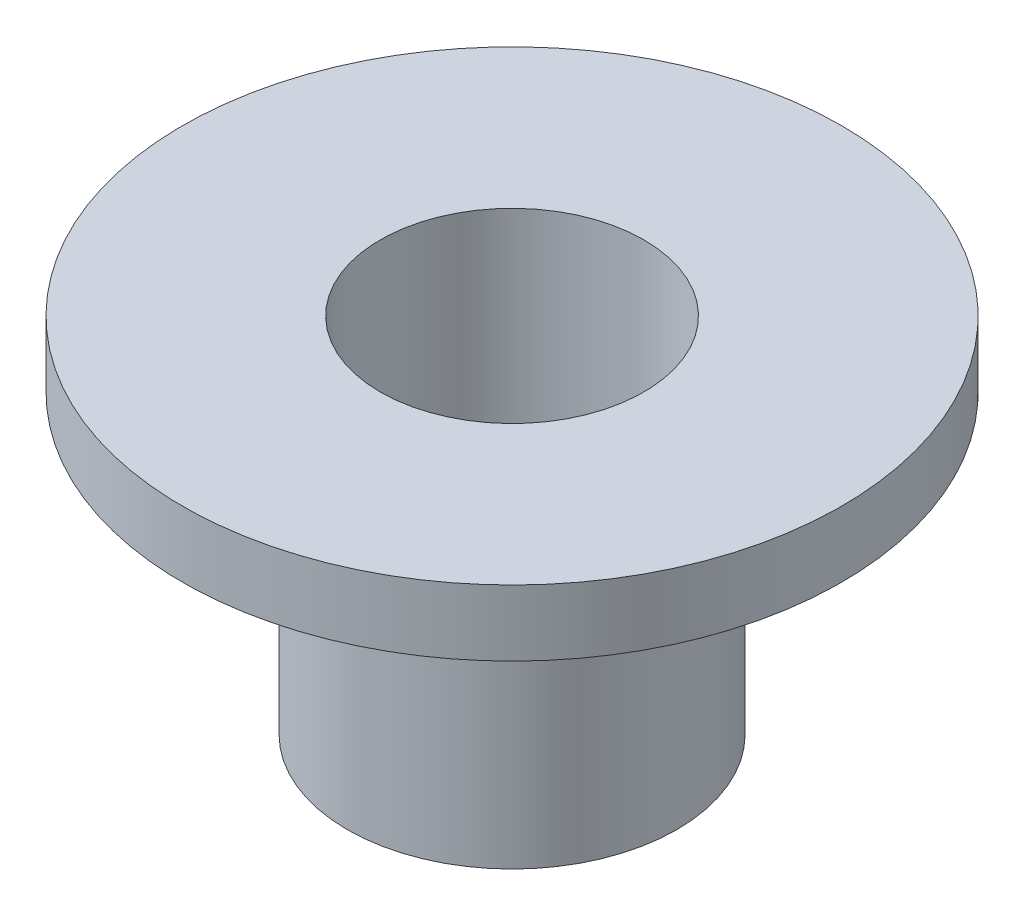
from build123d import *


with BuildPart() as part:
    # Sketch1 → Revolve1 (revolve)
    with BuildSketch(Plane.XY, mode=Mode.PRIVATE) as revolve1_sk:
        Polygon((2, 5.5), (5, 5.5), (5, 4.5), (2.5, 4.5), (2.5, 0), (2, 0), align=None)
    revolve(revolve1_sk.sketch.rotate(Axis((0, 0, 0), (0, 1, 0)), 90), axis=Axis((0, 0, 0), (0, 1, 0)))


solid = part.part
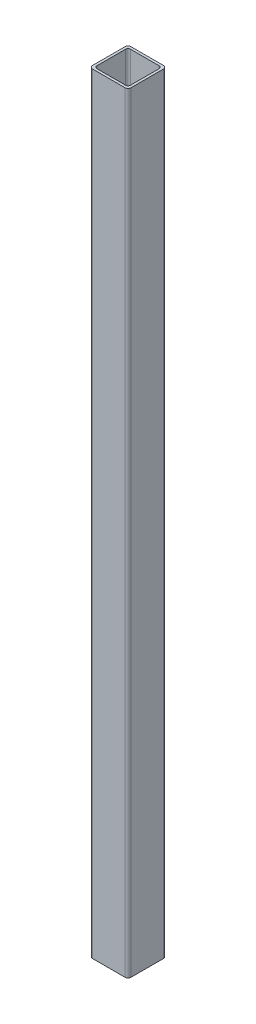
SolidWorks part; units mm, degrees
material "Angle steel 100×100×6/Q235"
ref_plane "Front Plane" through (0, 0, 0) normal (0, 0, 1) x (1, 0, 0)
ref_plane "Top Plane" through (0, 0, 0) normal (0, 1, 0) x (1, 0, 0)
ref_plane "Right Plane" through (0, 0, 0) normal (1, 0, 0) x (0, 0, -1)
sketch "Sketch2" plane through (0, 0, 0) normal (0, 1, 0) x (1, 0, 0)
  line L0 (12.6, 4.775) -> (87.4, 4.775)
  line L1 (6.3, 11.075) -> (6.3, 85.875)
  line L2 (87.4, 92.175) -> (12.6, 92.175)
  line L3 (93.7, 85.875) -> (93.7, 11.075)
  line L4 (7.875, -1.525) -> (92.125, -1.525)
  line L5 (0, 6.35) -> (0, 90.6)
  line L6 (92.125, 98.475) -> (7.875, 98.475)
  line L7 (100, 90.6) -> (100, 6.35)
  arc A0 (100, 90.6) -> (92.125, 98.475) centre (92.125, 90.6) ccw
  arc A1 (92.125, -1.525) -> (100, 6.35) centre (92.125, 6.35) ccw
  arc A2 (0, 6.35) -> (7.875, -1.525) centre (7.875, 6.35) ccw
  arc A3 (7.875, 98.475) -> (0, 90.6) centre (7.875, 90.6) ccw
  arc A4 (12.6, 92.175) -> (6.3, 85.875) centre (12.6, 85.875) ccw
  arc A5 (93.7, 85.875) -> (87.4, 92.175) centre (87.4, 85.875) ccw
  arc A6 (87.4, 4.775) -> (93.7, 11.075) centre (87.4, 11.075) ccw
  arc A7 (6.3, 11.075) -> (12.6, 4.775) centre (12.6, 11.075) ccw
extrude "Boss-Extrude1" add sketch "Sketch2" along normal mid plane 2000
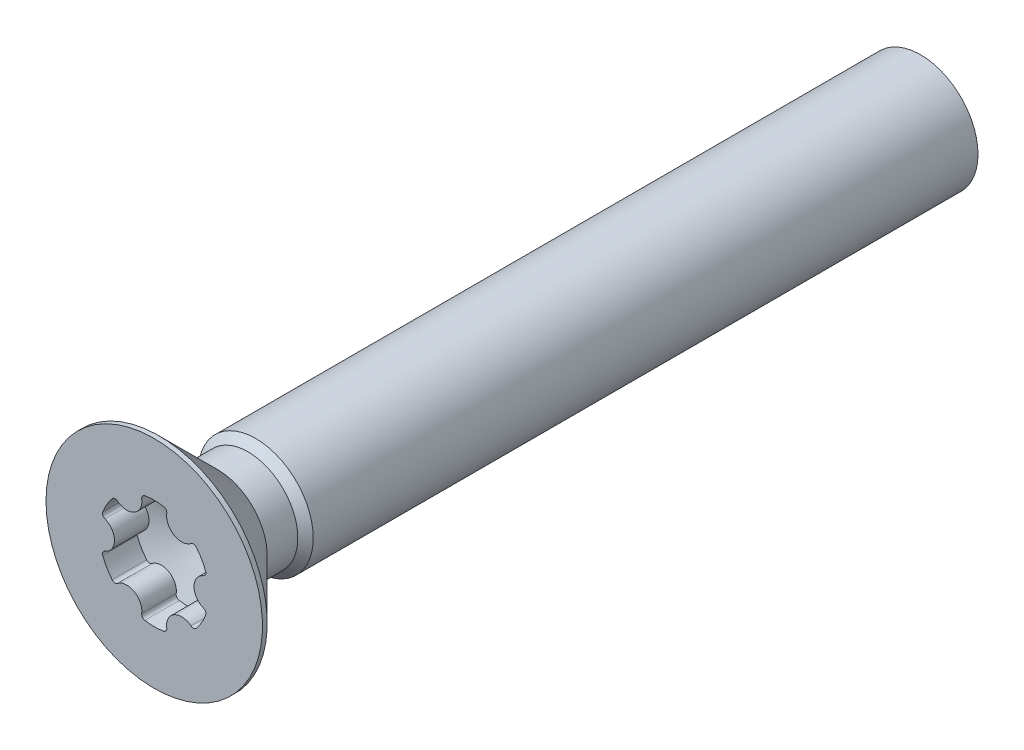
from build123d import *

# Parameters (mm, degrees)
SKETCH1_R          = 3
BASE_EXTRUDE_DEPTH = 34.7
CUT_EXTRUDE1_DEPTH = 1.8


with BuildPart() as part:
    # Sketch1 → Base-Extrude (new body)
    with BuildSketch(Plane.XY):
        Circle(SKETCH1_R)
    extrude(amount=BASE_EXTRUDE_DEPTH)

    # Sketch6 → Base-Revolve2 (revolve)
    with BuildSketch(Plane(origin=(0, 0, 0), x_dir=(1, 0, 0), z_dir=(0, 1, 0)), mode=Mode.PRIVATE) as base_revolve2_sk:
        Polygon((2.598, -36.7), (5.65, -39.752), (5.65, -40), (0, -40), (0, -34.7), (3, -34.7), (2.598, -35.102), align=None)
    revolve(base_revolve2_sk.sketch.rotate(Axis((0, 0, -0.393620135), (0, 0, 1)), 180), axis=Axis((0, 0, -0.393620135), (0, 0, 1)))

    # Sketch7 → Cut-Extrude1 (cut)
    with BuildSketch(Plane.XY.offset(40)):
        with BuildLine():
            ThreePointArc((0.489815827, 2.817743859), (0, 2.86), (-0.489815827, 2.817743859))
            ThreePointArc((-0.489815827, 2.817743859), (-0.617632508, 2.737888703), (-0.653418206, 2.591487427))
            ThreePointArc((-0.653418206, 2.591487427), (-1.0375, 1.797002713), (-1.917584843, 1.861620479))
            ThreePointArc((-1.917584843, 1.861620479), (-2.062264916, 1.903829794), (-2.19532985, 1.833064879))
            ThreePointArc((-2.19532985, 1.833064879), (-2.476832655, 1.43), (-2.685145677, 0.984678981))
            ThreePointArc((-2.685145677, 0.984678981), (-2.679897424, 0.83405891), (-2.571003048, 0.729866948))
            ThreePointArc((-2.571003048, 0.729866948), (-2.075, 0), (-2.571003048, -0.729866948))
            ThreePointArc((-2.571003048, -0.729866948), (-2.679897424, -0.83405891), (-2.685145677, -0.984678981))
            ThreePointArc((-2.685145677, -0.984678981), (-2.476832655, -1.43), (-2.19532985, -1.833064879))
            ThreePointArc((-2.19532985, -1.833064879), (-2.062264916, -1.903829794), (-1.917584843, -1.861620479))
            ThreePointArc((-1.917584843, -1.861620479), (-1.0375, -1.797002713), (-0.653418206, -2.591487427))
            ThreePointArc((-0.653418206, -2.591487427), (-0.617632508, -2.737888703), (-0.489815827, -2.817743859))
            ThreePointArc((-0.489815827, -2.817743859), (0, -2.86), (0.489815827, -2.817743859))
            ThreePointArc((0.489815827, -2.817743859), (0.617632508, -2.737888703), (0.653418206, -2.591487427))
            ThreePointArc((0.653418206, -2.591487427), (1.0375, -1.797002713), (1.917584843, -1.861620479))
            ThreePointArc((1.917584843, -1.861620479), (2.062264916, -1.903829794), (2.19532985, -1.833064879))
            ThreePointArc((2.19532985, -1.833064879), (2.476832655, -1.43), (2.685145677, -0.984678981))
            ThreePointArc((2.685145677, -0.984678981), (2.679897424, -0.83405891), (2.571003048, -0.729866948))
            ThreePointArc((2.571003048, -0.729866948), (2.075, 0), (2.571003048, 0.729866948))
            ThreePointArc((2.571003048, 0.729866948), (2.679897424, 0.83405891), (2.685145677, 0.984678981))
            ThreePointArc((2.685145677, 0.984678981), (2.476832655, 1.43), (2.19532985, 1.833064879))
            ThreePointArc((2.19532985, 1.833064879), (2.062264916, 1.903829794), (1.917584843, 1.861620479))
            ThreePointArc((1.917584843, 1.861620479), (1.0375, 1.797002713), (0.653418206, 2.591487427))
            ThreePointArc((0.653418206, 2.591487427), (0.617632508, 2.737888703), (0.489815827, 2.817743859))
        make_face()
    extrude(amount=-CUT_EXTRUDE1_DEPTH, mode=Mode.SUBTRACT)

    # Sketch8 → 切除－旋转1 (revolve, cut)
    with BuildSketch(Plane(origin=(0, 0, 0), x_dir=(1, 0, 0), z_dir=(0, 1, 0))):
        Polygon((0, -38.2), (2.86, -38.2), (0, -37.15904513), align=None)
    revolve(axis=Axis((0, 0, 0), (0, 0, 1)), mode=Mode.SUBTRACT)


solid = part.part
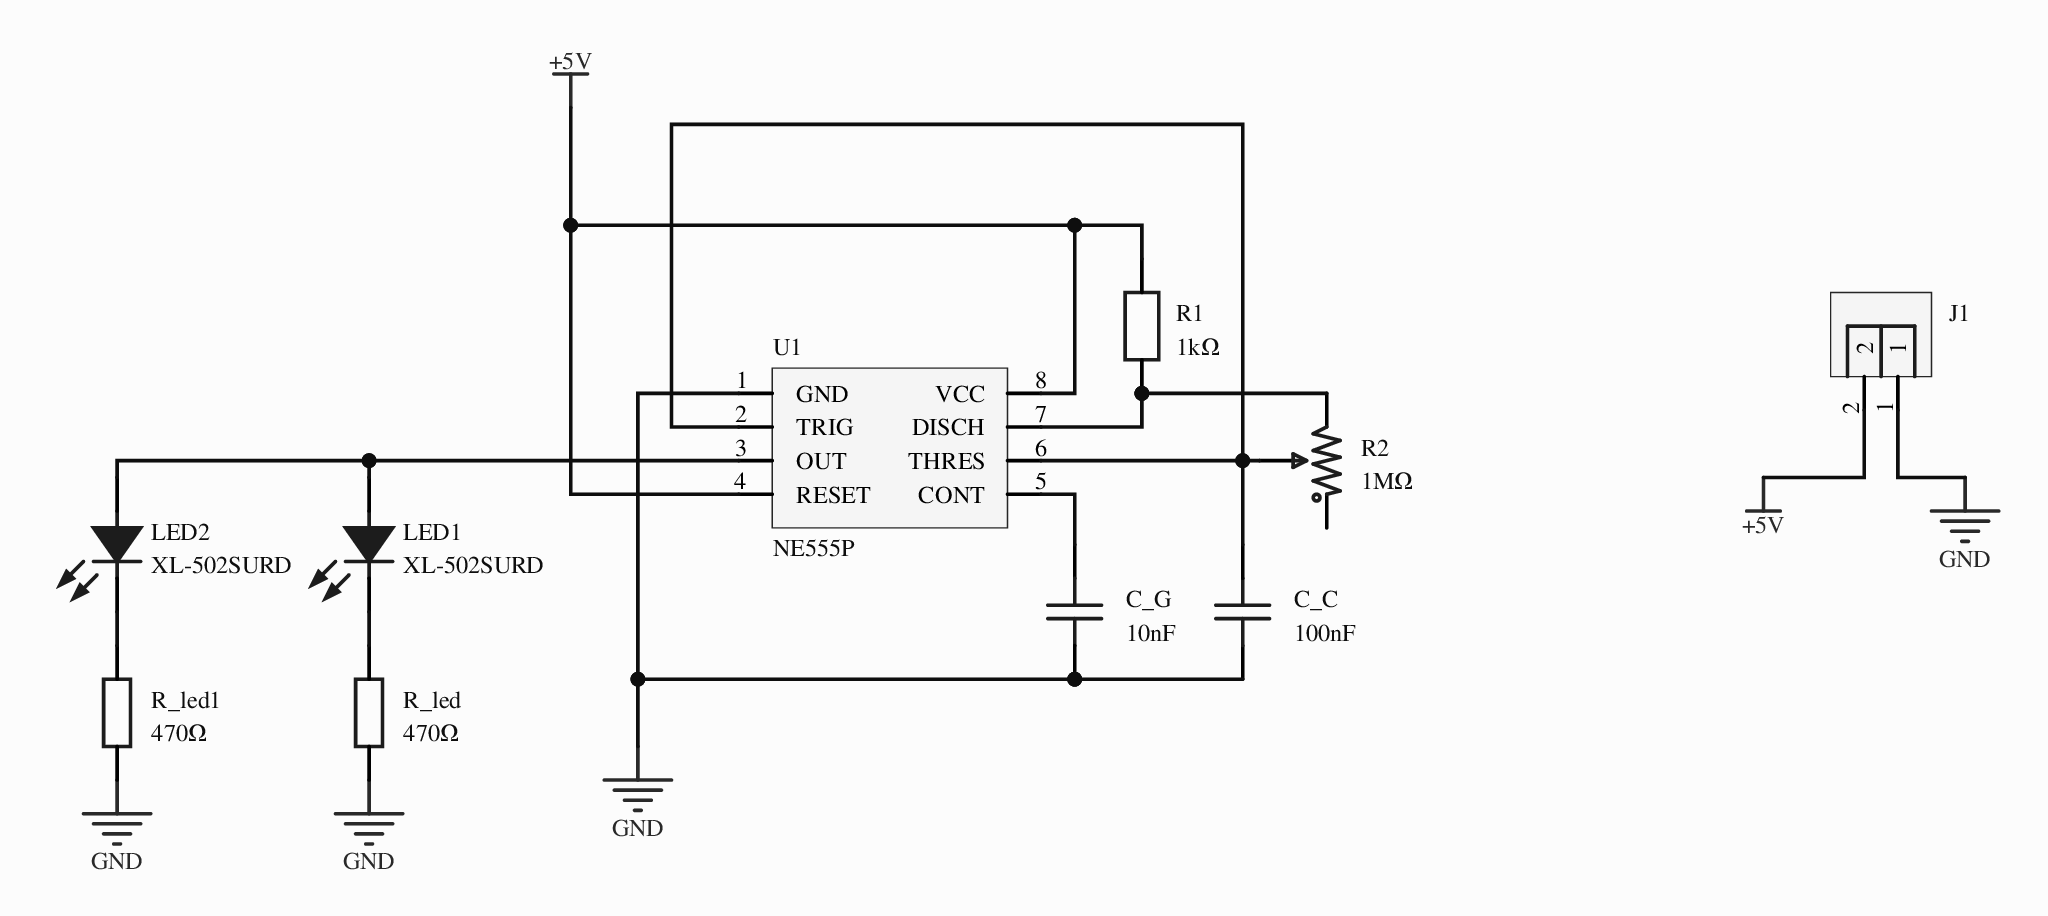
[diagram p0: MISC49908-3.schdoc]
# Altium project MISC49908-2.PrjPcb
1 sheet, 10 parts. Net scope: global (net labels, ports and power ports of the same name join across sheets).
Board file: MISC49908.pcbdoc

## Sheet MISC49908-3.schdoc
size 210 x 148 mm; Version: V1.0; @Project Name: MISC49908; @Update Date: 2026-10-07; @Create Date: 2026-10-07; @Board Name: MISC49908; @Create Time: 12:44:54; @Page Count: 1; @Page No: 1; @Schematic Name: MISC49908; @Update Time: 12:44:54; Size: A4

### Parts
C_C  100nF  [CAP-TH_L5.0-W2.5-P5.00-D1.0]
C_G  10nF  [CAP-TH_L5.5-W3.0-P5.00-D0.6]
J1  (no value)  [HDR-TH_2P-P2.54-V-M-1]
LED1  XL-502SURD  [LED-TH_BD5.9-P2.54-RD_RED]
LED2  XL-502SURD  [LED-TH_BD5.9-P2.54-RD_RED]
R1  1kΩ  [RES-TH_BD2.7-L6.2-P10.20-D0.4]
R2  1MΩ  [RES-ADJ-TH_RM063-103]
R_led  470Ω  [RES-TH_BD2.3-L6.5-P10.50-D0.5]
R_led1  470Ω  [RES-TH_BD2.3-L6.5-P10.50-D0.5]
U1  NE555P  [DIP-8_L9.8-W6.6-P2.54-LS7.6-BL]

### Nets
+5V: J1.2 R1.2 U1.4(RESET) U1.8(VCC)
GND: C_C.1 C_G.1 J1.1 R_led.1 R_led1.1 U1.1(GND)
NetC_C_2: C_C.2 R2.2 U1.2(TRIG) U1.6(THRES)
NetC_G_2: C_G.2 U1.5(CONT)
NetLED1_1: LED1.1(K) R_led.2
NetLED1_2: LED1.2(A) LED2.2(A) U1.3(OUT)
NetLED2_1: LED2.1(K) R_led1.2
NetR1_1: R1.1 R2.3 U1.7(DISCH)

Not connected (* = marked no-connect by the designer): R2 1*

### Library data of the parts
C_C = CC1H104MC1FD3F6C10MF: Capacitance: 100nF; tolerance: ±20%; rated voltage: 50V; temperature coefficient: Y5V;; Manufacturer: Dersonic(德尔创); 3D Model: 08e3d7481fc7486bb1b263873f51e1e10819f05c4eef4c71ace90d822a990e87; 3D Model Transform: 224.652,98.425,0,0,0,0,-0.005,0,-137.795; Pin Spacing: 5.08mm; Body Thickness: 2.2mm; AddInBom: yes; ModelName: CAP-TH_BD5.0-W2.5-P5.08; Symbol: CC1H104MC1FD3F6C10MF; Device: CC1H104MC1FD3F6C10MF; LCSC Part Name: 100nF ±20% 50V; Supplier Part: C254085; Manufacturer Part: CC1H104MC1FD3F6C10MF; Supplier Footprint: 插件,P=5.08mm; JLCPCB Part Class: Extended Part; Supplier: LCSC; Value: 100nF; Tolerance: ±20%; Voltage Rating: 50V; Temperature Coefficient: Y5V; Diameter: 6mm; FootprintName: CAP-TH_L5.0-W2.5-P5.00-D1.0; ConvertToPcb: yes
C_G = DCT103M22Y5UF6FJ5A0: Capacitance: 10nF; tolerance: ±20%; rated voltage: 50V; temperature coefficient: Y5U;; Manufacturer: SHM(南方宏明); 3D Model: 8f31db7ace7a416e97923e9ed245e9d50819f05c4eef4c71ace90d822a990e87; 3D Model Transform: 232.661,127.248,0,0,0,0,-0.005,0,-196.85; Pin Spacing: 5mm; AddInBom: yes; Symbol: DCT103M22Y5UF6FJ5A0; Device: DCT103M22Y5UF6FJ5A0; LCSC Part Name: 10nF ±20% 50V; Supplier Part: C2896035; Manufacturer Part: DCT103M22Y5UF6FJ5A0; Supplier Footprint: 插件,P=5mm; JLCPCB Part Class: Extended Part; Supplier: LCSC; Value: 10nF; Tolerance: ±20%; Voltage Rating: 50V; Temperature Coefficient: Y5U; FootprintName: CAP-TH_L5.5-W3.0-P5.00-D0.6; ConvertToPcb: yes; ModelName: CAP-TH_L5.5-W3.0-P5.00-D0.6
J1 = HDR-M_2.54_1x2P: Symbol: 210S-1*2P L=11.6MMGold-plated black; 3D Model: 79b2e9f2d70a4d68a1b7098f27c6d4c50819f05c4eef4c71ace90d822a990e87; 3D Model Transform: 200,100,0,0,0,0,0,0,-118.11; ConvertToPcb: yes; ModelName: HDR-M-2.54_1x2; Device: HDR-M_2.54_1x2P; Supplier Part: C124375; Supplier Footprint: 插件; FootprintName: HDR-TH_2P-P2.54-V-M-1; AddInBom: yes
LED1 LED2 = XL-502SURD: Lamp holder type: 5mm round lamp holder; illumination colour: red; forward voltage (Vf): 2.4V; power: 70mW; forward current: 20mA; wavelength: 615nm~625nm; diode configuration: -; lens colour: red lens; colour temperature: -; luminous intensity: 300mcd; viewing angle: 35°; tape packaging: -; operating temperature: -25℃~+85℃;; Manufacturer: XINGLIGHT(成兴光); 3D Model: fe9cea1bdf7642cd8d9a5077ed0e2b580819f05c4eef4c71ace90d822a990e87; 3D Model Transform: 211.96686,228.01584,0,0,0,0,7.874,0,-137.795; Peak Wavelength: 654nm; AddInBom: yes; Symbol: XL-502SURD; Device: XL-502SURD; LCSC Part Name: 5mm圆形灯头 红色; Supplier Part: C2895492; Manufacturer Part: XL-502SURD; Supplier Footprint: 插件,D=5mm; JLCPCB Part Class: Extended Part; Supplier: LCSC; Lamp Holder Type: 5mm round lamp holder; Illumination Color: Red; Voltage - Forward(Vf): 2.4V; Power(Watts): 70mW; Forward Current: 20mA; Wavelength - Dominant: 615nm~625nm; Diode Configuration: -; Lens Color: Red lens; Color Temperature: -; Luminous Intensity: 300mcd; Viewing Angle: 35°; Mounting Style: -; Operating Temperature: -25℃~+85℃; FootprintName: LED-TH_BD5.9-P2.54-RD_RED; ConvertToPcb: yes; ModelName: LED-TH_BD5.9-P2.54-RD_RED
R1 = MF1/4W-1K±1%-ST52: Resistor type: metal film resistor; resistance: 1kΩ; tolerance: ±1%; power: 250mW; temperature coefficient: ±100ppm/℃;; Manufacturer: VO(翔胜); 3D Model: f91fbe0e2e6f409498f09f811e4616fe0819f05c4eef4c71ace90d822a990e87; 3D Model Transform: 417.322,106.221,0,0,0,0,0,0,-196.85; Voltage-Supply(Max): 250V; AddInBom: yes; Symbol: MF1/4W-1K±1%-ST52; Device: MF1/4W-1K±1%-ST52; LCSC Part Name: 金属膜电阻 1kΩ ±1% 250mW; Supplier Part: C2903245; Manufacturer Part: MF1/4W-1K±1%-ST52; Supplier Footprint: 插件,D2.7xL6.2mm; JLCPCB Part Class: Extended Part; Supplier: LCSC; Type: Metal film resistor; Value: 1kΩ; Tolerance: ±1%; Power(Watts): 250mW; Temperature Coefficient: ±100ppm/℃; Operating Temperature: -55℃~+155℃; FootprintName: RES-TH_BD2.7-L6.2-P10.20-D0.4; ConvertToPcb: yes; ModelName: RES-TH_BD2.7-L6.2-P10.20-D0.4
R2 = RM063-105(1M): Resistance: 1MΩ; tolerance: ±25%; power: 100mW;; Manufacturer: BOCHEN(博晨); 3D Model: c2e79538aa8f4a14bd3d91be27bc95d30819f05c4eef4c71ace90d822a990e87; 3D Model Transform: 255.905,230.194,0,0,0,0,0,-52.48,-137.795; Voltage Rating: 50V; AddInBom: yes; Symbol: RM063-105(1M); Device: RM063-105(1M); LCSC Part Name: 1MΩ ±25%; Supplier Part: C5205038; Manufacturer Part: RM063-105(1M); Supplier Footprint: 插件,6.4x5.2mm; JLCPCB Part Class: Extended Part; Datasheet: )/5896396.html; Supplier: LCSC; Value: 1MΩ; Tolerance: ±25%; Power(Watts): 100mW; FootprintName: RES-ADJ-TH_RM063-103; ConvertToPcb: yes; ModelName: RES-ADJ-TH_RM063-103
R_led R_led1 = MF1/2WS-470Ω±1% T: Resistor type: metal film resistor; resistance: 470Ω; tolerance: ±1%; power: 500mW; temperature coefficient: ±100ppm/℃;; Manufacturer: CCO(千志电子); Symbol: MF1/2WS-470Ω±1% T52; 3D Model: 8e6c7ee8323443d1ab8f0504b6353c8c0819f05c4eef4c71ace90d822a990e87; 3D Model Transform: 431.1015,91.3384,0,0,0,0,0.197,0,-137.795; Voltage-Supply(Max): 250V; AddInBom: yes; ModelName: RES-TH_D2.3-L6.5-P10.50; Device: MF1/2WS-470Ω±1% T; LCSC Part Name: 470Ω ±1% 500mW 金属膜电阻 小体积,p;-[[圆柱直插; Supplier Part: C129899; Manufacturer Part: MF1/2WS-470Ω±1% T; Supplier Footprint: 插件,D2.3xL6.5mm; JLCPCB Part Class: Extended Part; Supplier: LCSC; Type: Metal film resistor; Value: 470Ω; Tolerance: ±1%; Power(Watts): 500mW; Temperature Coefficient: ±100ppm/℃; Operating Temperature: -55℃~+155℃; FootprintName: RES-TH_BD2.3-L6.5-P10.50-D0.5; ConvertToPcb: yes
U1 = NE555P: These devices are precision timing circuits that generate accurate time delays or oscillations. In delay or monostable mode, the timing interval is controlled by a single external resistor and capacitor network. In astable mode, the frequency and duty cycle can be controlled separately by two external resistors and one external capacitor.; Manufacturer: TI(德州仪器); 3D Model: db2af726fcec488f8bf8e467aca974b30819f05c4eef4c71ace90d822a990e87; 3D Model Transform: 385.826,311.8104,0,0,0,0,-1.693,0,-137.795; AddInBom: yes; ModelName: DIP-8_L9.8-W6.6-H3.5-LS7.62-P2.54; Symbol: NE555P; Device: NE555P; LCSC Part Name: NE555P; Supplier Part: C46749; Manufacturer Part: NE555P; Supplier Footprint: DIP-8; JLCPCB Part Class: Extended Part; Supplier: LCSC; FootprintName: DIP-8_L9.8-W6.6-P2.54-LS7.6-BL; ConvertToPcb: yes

++++++++++

What is needed — Report how many lines of the listing carry the word "None", and add nothing.

Expected answer — 3